**Problem description**
Of all the entries below, retype only the lines from the one with "#31=VERTEX_POINT('',#30);" through the one with "#46=LINE('',#45,#44);", exactly as they appear.

**Entries provided**
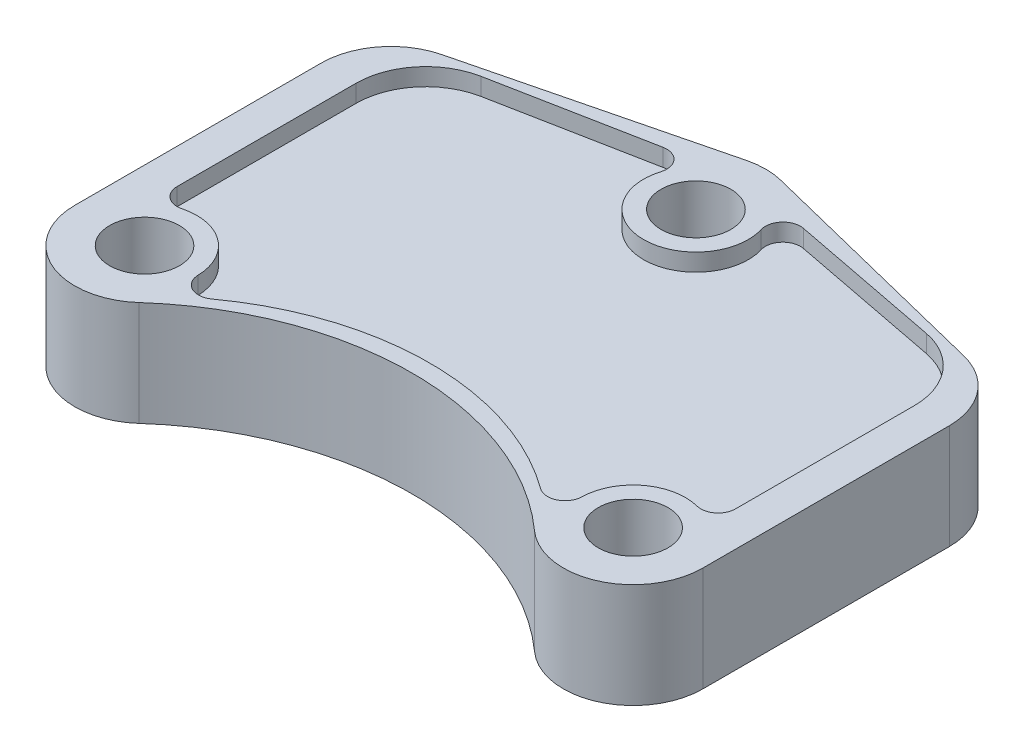
ISO-10303-21;
HEADER;
FILE_DESCRIPTION(('STEP AP214'),'2;1');
FILE_NAME('part.step','',(''),(''),'','','');
FILE_SCHEMA(('AUTOMOTIVE_DESIGN { 1 0 10303 214 1 1 1 1 }'));
ENDSEC;
DATA;
#1=APPLICATION_CONTEXT('core data for automotive mechanical design processes');
#2=APPLICATION_PROTOCOL_DEFINITION('international standard','automotive_design',2000,#1);
#3=PRODUCT_CONTEXT('',#1,'mechanical');
#4=PRODUCT('Part','Part','',(#3));
#5=PRODUCT_RELATED_PRODUCT_CATEGORY('part','',(#4));
#6=PRODUCT_DEFINITION_FORMATION('','',#4);
#7=PRODUCT_DEFINITION_CONTEXT('part definition',#1,'design');
#8=PRODUCT_DEFINITION('design','',#6,#7);
#9=PRODUCT_DEFINITION_SHAPE('','',#8);
#10=(LENGTH_UNIT() NAMED_UNIT(*) SI_UNIT(.MILLI.,.METRE.));
#11=(NAMED_UNIT(*) PLANE_ANGLE_UNIT() SI_UNIT($,.RADIAN.));
#12=(NAMED_UNIT(*) SI_UNIT($,.STERADIAN.) SOLID_ANGLE_UNIT());
#13=UNCERTAINTY_MEASURE_WITH_UNIT(LENGTH_MEASURE(1.E-05),#10,'distance_accuracy_value','');
#14=(GEOMETRIC_REPRESENTATION_CONTEXT(3) GLOBAL_UNCERTAINTY_ASSIGNED_CONTEXT((#13)) GLOBAL_UNIT_ASSIGNED_CONTEXT((#10,
#11,#12)) REPRESENTATION_CONTEXT('',''));
#15=CARTESIAN_POINT('',(0.,0.,0.));
#16=DIRECTION('',(0.,0.,1.));
#17=DIRECTION('',(1.,0.,0.));
#18=AXIS2_PLACEMENT_3D('',#15,#16,#17);
#19=CARTESIAN_POINT('',(-50.0055751114862,30.,87.5277994307735));
#20=DIRECTION('',(0.,-1.,0.));
#21=DIRECTION('',(0.,0.,-1.));
#22=AXIS2_PLACEMENT_3D('',#19,#20,#21);
#23=CYLINDRICAL_SURFACE('',#22,5.);
#24=DIRECTION('',(0.,-1.,0.));
#25=VECTOR('',#24,1.);
#26=CARTESIAN_POINT('',(-47.0640706931635,30.,91.5710100061687));
#27=LINE('',#26,#25);
#28=CARTESIAN_POINT('',(-47.0640706931635,30.,91.5710100061687));
#29=VERTEX_POINT('',#28);
#30=CARTESIAN_POINT('',(-47.0640706931635,25.,91.5710100061687));
#31=VERTEX_POINT('',#30);
#32=EDGE_CURVE('E268',#29,#31,#27,.T.);
#33=ORIENTED_EDGE('',*,*,#32,.T.);
#34=CARTESIAN_POINT('',(-50.0055751114862,25.,87.5277994307735));
#35=DIRECTION('',(0.,-1.,0.));
#36=DIRECTION('',(0.,0.,-1.));
#37=AXIS2_PLACEMENT_3D('',#34,#35,#36);
#38=CIRCLE('',#37,4.99999999999999);
#39=CARTESIAN_POINT('',(-55.0041813336146,25.,87.6458495730801));
#40=VERTEX_POINT('',#39);
#41=EDGE_CURVE('E740',#31,#40,#38,.T.);
#42=ORIENTED_EDGE('',*,*,#41,.T.);
#43=DIRECTION('',(0.,-1.,0.));
#44=VECTOR('',#43,1.);
#45=CARTESIAN_POINT('',(-55.0041813336146,30.,87.6458495730801));
#46=LINE('',#45,#44);
#47=CARTESIAN_POINT('',(-55.0041813336146,30.,87.6458495730801));
#48=VERTEX_POINT('',#47);
#49=EDGE_CURVE('E724',#48,#40,#46,.T.);
#50=ORIENTED_EDGE('',*,*,#49,.F.);
#51=CARTESIAN_POINT('',(-50.0055751114862,30.,87.5277994307735));
#52=DIRECTION('',(0.,1.,0.));
#53=DIRECTION('',(0.,0.,1.));
#54=AXIS2_PLACEMENT_3D('',#51,#52,#53);
#55=CIRCLE('',#54,5.);
#56=EDGE_CURVE('E731',#48,#29,#55,.T.);
#57=ORIENTED_EDGE('',*,*,#56,.T.);
#58=EDGE_LOOP('',(#33,#42,#50,#57));
#59=FACE_BOUND('',#58,.T.);
#60=ADVANCED_FACE('F39',(#59),#23,.F.);
#61=CARTESIAN_POINT('',(0.,30.,156.262379212493));
#62=DIRECTION('',(0.,-1.,0.));
#63=DIRECTION('',(0.,0.,-1.));
#64=AXIS2_PLACEMENT_3D('',#61,#62,#63);
#65=CYLINDRICAL_SURFACE('',#64,80.);
#66=DIRECTION('',(0.,-1.,0.));
#67=VECTOR('',#66,1.);
#68=CARTESIAN_POINT('',(47.0640706931634,30.,91.5710100061687));
#69=LINE('',#68,#67);
#70=CARTESIAN_POINT('',(47.0640706931634,30.,91.5710100061687));
#71=VERTEX_POINT('',#70);
#72=CARTESIAN_POINT('',(47.0640706931635,25.,91.5710100061687));
#73=VERTEX_POINT('',#72);
#74=EDGE_CURVE('E264',#71,#73,#69,.T.);
#75=ORIENTED_EDGE('',*,*,#74,.T.);
#76=CARTESIAN_POINT('',(0.,25.,156.262379212493));
#77=DIRECTION('',(0.,1.,0.));
#78=DIRECTION('',(0.,0.,-1.));
#79=AXIS2_PLACEMENT_3D('',#76,#77,#78);
#80=CIRCLE('',#79,80.);
#81=EDGE_CURVE('E738',#73,#31,#80,.T.);
#82=ORIENTED_EDGE('',*,*,#81,.T.);
#83=ORIENTED_EDGE('',*,*,#32,.F.);
#84=CARTESIAN_POINT('',(0.,30.,156.262379212493));
#85=DIRECTION('',(0.,-1.,0.));
#86=DIRECTION('',(0.,0.,-1.));
#87=AXIS2_PLACEMENT_3D('',#84,#85,#86);
#88=CIRCLE('',#87,80.);
#89=EDGE_CURVE('E699',#29,#71,#88,.T.);
#90=ORIENTED_EDGE('',*,*,#89,.T.);
#91=EDGE_LOOP('',(#75,#82,#83,#90));
#92=FACE_BOUND('',#91,.T.);
#93=ADVANCED_FACE('F397',(#92),#65,.T.);
#94=CARTESIAN_POINT('',(50.0055751114862,30.,87.5277994307735));
#95=DIRECTION('',(0.,-1.,0.));
#96=DIRECTION('',(0.,0.,-1.));
#97=AXIS2_PLACEMENT_3D('',#94,#95,#96);
#98=CYLINDRICAL_SURFACE('',#97,5.);
#99=DIRECTION('',(0.,-1.,0.));
#100=VECTOR('',#99,1.);
#101=CARTESIAN_POINT('',(55.0041813336146,30.,87.6458495730801));
#102=LINE('',#101,#100);
#103=CARTESIAN_POINT('',(55.0041813336146,30.,87.6458495730801));
#104=VERTEX_POINT('',#103);
#105=CARTESIAN_POINT('',(55.0041813336146,25.,87.6458495730801));
#106=VERTEX_POINT('',#105);
#107=EDGE_CURVE('E265',#104,#106,#102,.T.);
#108=ORIENTED_EDGE('',*,*,#107,.T.);
#109=CARTESIAN_POINT('',(50.0055751114862,25.,87.5277994307735));
#110=DIRECTION('',(0.,-1.,0.));
#111=DIRECTION('',(0.,0.,-1.));
#112=AXIS2_PLACEMENT_3D('',#109,#110,#111);
#113=CIRCLE('',#112,4.99999999999999);
#114=EDGE_CURVE('E684',#106,#73,#113,.T.);
#115=ORIENTED_EDGE('',*,*,#114,.T.);
#116=ORIENTED_EDGE('',*,*,#74,.F.);
#117=CARTESIAN_POINT('',(50.0055751114862,30.,87.5277994307735));
#118=DIRECTION('',(0.,1.,0.));
#119=DIRECTION('',(0.,0.,1.));
#120=AXIS2_PLACEMENT_3D('',#117,#118,#119);
#121=CIRCLE('',#120,5.);
#122=EDGE_CURVE('E683',#71,#104,#121,.T.);
#123=ORIENTED_EDGE('',*,*,#122,.T.);
#124=EDGE_LOOP('',(#108,#115,#116,#123));
#125=FACE_BOUND('',#124,.T.);
#126=ADVANCED_FACE('F407',(#125),#98,.F.);
#127=CARTESIAN_POINT('',(70.,30.,88.));
#128=DIRECTION('',(0.,-1.,0.));
#129=DIRECTION('',(0.,0.,-1.));
#130=AXIS2_PLACEMENT_3D('',#127,#128,#129);
#131=CYLINDRICAL_SURFACE('',#130,15.);
#132=DIRECTION('',(0.,-1.,0.));
#133=VECTOR('',#132,1.);
#134=CARTESIAN_POINT('',(73.75,30.,73.4763124517222));
#135=LINE('',#134,#133);
#136=CARTESIAN_POINT('',(73.75,30.,73.4763124517222));
#137=VERTEX_POINT('',#136);
#138=CARTESIAN_POINT('',(73.75,25.,73.4763124517222));
#139=VERTEX_POINT('',#138);
#140=EDGE_CURVE('E259',#137,#139,#135,.T.);
#141=ORIENTED_EDGE('',*,*,#140,.T.);
#142=CARTESIAN_POINT('',(70.,25.,88.));
#143=DIRECTION('',(0.,1.,0.));
#144=DIRECTION('',(0.,0.,-1.));
#145=AXIS2_PLACEMENT_3D('',#142,#143,#144);
#146=CIRCLE('',#145,15.);
#147=EDGE_CURVE('E689',#139,#106,#146,.T.);
#148=ORIENTED_EDGE('',*,*,#147,.T.);
#149=ORIENTED_EDGE('',*,*,#107,.F.);
#150=CARTESIAN_POINT('',(70.,30.,88.));
#151=DIRECTION('',(0.,-1.,0.));
#152=DIRECTION('',(0.,0.,-1.));
#153=AXIS2_PLACEMENT_3D('',#150,#151,#152);
#154=CIRCLE('',#153,15.);
#155=EDGE_CURVE('E686',#104,#137,#154,.T.);
#156=ORIENTED_EDGE('',*,*,#155,.T.);
#157=EDGE_LOOP('',(#141,#148,#149,#156));
#158=FACE_BOUND('',#157,.T.);
#159=ADVANCED_FACE('F567',(#158),#131,.T.);
#160=CARTESIAN_POINT('',(75.,30.,68.6350832689629));
#161=DIRECTION('',(0.,-1.,0.));
#162=DIRECTION('',(0.,0.,-1.));
#163=AXIS2_PLACEMENT_3D('',#160,#161,#162);
#164=CYLINDRICAL_SURFACE('',#163,5.00000000000002);
#165=DIRECTION('',(0.,-1.,0.));
#166=VECTOR('',#165,1.);
#167=CARTESIAN_POINT('',(80.,30.,68.6350832689629));
#168=LINE('',#167,#166);
#169=CARTESIAN_POINT('',(80.,30.,68.6350832689629));
#170=VERTEX_POINT('',#169);
#171=CARTESIAN_POINT('',(80.,25.,68.6350832689629));
#172=VERTEX_POINT('',#171);
#173=EDGE_CURVE('E258',#170,#172,#168,.T.);
#174=ORIENTED_EDGE('',*,*,#173,.T.);
#175=CARTESIAN_POINT('',(75.,25.,68.6350832689629));
#176=DIRECTION('',(0.,-1.,0.));
#177=DIRECTION('',(0.,0.,-1.));
#178=AXIS2_PLACEMENT_3D('',#175,#176,#177);
#179=CIRCLE('',#178,5.00000000000003);
#180=EDGE_CURVE('E770',#172,#139,#179,.T.);
#181=ORIENTED_EDGE('',*,*,#180,.T.);
#182=ORIENTED_EDGE('',*,*,#140,.F.);
#183=CARTESIAN_POINT('',(75.,30.,68.6350832689629));
#184=DIRECTION('',(0.,1.,0.));
#185=DIRECTION('',(0.,0.,1.));
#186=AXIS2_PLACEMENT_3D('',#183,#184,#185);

**Solved problem**
#31=VERTEX_POINT('',#30);
#32=EDGE_CURVE('E268',#29,#31,#27,.T.);
#33=ORIENTED_EDGE('',*,*,#32,.T.);
#34=CARTESIAN_POINT('',(-50.0055751114862,25.,87.5277994307735));
#35=DIRECTION('',(0.,-1.,0.));
#36=DIRECTION('',(0.,0.,-1.));
#37=AXIS2_PLACEMENT_3D('',#34,#35,#36);
#38=CIRCLE('',#37,4.99999999999999);
#39=CARTESIAN_POINT('',(-55.0041813336146,25.,87.6458495730801));
#40=VERTEX_POINT('',#39);
#41=EDGE_CURVE('E740',#31,#40,#38,.T.);
#42=ORIENTED_EDGE('',*,*,#41,.T.);
#43=DIRECTION('',(0.,-1.,0.));
#44=VECTOR('',#43,1.);
#45=CARTESIAN_POINT('',(-55.0041813336146,30.,87.6458495730801));
#46=LINE('',#45,#44);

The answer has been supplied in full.